WORK INSTRUCTION: Report every line of the records below that contains the word "dimrnd".
PROVIDED DATA below:
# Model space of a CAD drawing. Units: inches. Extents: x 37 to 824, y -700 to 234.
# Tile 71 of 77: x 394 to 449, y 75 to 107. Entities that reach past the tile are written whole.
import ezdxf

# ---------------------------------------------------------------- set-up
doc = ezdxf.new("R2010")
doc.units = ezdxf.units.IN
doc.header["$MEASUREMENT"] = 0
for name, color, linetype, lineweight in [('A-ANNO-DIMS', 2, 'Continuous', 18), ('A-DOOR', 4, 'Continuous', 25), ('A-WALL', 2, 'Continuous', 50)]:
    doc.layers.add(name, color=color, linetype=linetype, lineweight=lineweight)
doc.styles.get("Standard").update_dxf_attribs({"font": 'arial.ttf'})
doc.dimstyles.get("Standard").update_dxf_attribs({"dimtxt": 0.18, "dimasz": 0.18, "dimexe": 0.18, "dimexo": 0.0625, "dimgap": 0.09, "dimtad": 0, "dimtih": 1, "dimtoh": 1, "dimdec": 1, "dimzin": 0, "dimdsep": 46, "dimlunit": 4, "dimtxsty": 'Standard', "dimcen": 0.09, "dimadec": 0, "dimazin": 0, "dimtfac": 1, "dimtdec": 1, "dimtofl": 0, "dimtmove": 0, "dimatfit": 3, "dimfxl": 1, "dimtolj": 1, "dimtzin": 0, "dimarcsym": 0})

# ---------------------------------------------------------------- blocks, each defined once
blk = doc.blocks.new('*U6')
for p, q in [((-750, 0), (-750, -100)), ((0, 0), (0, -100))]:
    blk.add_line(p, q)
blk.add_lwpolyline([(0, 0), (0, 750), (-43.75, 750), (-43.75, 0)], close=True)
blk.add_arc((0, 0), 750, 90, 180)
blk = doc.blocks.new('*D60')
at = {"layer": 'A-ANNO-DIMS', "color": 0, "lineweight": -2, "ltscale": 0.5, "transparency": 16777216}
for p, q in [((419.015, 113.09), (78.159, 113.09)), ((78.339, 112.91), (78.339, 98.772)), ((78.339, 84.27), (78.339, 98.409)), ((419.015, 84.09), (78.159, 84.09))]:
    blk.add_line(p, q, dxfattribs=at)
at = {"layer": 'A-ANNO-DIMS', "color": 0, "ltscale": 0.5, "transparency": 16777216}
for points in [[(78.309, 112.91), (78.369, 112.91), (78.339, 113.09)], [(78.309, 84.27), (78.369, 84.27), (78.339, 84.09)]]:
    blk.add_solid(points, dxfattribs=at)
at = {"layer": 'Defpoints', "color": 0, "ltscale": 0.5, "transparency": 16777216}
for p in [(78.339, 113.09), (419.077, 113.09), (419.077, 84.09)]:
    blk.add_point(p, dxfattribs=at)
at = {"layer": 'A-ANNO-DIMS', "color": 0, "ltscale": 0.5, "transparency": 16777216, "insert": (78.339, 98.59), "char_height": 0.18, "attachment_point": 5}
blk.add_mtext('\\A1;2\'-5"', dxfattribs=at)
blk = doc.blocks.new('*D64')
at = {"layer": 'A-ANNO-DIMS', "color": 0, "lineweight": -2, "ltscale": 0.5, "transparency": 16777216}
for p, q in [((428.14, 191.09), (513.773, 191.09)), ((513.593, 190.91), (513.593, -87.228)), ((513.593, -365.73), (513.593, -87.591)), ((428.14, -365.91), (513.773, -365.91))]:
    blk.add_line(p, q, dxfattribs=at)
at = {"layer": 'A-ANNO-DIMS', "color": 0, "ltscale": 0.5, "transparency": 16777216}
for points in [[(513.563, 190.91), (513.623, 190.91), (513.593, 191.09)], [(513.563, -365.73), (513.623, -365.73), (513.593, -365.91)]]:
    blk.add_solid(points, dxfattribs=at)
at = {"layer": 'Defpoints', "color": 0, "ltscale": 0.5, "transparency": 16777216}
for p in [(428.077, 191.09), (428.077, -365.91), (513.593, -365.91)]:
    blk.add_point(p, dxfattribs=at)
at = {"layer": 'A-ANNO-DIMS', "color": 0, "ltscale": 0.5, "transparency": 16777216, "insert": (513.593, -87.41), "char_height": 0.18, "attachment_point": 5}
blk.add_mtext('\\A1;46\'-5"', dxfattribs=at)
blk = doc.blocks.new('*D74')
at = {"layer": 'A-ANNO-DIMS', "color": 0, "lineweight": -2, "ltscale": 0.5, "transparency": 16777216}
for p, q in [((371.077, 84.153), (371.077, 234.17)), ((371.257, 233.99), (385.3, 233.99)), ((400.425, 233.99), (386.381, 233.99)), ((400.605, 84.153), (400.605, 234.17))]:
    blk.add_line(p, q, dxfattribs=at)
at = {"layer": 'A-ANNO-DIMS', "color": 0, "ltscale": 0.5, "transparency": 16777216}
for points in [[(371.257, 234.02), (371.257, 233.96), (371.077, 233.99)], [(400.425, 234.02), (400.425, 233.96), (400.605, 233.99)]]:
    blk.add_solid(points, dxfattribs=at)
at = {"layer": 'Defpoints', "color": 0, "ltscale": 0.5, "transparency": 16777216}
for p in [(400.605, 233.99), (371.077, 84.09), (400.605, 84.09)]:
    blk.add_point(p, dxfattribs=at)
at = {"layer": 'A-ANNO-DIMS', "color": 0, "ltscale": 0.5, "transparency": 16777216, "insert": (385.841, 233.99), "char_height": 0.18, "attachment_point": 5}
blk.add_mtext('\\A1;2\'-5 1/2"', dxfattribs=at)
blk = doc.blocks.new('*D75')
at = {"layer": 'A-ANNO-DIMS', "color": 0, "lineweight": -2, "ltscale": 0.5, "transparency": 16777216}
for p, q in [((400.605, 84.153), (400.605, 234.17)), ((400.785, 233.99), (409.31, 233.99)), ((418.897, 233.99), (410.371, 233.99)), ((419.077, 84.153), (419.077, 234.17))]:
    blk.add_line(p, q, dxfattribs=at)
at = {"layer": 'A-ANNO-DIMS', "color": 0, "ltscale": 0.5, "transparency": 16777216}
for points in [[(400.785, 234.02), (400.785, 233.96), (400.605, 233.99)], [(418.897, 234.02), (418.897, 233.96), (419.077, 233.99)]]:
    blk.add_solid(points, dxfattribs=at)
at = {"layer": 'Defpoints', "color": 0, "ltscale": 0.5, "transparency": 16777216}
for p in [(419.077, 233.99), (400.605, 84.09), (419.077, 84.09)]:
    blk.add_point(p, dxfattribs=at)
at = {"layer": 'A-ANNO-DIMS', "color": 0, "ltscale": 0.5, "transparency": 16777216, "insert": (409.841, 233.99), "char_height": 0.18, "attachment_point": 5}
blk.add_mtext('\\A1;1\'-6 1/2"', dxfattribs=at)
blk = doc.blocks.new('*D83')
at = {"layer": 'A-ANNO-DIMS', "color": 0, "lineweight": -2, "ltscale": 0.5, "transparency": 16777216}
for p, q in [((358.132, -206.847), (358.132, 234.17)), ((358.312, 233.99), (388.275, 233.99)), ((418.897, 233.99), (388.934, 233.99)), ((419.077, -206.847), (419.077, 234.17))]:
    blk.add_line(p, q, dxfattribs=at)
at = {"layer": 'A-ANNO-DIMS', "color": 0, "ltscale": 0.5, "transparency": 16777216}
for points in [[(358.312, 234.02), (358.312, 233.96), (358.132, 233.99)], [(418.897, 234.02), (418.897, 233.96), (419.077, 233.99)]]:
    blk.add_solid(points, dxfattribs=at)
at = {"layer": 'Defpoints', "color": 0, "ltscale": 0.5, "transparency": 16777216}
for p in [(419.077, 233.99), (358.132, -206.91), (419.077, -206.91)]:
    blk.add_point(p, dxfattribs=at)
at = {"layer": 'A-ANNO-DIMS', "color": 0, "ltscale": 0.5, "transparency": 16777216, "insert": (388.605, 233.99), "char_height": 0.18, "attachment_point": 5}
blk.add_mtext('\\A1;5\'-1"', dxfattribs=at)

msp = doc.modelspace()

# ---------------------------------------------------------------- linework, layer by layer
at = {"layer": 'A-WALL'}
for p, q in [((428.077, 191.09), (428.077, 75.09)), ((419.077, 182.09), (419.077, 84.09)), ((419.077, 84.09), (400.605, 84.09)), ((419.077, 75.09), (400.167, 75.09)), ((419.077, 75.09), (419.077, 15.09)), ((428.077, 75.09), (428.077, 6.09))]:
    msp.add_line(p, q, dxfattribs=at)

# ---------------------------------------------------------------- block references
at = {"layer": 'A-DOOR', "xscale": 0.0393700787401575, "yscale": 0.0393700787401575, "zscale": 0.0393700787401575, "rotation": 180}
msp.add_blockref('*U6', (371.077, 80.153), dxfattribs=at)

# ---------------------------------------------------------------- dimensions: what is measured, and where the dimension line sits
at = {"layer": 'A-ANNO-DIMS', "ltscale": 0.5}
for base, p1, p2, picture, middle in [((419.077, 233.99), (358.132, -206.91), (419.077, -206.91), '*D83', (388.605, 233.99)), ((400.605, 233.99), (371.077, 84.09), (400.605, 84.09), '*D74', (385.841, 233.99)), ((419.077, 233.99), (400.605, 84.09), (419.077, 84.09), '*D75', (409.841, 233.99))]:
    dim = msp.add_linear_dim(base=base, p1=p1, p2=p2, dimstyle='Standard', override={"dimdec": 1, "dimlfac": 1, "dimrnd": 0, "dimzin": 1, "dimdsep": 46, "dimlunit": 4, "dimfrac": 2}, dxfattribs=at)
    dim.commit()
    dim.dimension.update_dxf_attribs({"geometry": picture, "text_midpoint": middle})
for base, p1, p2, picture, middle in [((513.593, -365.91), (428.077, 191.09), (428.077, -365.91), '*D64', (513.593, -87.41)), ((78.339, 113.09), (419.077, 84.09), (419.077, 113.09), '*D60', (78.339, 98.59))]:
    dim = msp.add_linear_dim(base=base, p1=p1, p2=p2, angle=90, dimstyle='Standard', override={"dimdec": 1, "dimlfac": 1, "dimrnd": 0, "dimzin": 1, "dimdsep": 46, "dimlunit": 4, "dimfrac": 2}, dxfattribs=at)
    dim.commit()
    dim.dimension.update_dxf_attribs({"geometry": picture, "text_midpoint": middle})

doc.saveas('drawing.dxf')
End of PROVIDED DATA.
RESULT:
    dim = msp.add_linear_dim(base=base, p1=p1, p2=p2, dimstyle='Standard', override={"dimdec": 1, "dimlfac": 1, "dimrnd": 0, "dimzin": 1, "dimdsep": 46, "dimlunit": 4, "dimfrac": 2}, dxfattribs=at)
    dim = msp.add_linear_dim(base=base, p1=p1, p2=p2, angle=90, dimstyle='Standard', override={"dimdec": 1, "dimlfac": 1, "dimrnd": 0, "dimzin": 1, "dimdsep": 46, "dimlunit": 4, "dimfrac": 2}, dxfattribs=at)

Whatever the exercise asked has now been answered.